-- About this exercise --
Extract the opening line of the entries and every line after it, stopping at and including the line that contains "from ezdxf.enums import". Do not include pictures.

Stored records
::::

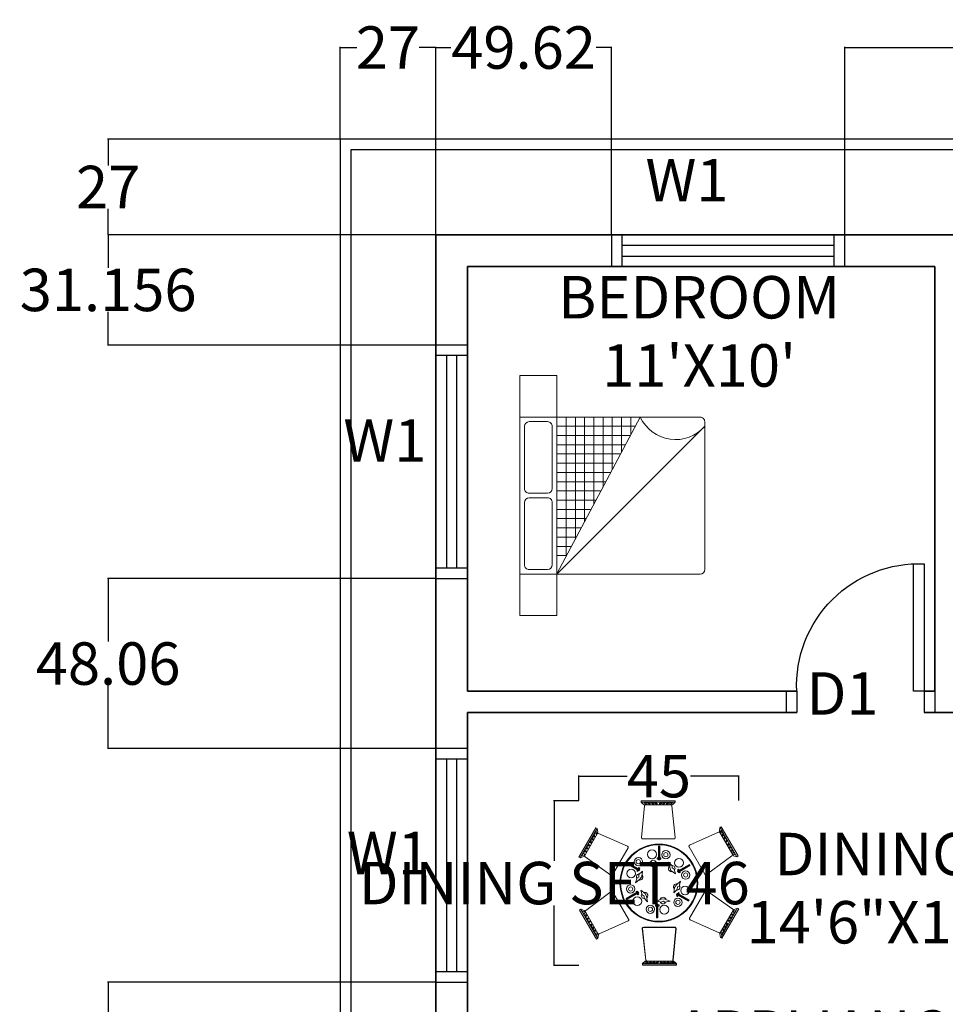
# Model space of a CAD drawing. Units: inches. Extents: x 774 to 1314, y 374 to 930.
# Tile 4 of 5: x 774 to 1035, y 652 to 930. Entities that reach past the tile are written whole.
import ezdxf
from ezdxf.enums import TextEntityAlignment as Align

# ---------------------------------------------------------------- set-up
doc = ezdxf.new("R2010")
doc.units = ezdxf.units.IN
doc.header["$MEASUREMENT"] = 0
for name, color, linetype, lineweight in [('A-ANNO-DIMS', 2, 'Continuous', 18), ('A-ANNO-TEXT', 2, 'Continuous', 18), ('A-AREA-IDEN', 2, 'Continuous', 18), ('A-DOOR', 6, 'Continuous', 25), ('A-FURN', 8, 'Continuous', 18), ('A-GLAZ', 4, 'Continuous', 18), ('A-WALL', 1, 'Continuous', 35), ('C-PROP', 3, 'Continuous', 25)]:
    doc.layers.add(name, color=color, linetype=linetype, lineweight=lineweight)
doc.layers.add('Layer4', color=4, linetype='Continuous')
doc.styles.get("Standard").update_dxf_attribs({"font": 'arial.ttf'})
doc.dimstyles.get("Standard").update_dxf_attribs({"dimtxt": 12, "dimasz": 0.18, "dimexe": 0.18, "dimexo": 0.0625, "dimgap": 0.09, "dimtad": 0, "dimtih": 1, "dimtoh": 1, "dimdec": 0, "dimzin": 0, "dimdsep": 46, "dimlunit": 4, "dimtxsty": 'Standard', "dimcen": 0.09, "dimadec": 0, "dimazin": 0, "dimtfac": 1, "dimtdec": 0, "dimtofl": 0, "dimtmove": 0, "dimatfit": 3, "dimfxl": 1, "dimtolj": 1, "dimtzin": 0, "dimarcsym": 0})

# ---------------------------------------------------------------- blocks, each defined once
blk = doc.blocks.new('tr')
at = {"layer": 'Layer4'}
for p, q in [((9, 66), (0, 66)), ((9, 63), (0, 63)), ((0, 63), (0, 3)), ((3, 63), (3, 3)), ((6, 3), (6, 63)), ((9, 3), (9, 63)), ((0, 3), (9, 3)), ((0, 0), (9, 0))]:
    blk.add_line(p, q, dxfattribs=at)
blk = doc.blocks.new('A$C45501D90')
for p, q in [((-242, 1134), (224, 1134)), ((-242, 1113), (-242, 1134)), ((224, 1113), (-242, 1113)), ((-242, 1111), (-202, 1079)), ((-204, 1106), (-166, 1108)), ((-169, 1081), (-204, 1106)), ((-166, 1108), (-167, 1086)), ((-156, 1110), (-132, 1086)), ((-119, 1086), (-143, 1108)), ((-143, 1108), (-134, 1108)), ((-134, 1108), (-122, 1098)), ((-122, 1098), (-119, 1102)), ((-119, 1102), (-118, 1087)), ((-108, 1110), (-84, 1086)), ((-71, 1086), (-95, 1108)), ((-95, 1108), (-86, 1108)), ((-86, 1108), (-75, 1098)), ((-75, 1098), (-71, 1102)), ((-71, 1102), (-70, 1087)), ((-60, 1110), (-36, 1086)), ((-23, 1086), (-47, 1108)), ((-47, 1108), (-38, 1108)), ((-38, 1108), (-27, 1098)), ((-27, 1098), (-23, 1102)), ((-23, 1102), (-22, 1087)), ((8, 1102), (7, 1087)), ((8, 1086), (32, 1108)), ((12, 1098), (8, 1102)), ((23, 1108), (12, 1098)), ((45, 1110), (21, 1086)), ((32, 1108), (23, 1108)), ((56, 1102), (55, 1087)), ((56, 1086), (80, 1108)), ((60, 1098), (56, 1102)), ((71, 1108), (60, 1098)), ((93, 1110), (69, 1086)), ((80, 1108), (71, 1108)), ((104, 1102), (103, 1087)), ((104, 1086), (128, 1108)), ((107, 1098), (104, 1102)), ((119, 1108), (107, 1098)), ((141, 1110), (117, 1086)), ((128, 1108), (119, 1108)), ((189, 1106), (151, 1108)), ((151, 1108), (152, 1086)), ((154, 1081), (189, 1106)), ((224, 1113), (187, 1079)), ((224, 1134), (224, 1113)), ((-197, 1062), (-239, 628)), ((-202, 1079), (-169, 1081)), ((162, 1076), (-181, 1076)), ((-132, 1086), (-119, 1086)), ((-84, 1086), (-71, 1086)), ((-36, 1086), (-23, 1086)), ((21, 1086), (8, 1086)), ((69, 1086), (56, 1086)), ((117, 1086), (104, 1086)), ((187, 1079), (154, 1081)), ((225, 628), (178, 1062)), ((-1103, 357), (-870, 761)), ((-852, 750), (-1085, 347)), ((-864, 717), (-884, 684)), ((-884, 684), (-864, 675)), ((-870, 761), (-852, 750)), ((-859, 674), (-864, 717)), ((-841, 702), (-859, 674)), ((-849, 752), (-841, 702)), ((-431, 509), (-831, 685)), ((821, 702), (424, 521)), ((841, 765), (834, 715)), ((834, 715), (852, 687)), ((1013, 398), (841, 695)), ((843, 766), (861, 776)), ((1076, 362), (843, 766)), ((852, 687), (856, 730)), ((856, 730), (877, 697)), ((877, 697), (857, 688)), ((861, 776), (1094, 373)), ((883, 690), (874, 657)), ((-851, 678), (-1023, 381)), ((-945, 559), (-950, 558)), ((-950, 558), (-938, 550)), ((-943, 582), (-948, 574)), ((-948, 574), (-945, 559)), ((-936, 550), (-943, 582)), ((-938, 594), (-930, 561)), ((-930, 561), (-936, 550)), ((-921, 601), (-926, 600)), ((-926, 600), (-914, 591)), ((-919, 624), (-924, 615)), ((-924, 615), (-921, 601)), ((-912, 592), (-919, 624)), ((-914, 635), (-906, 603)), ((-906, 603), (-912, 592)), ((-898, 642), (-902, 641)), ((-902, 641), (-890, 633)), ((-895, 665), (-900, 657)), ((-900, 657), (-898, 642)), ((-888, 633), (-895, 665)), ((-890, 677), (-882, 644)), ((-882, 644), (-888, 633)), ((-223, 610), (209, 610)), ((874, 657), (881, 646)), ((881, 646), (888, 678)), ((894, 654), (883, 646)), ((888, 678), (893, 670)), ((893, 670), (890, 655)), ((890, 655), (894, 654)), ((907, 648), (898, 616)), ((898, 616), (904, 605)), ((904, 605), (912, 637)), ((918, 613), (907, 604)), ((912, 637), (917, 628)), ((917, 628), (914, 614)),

::::

-- Response to the task --
# Model space of a CAD drawing. Units: inches. Extents: x 774 to 1314, y 374 to 930.
# Tile 4 of 5: x 774 to 1035, y 652 to 930. Entities that reach past the tile are written whole.
import ezdxf
from ezdxf.enums import TextEntityAlignment as Align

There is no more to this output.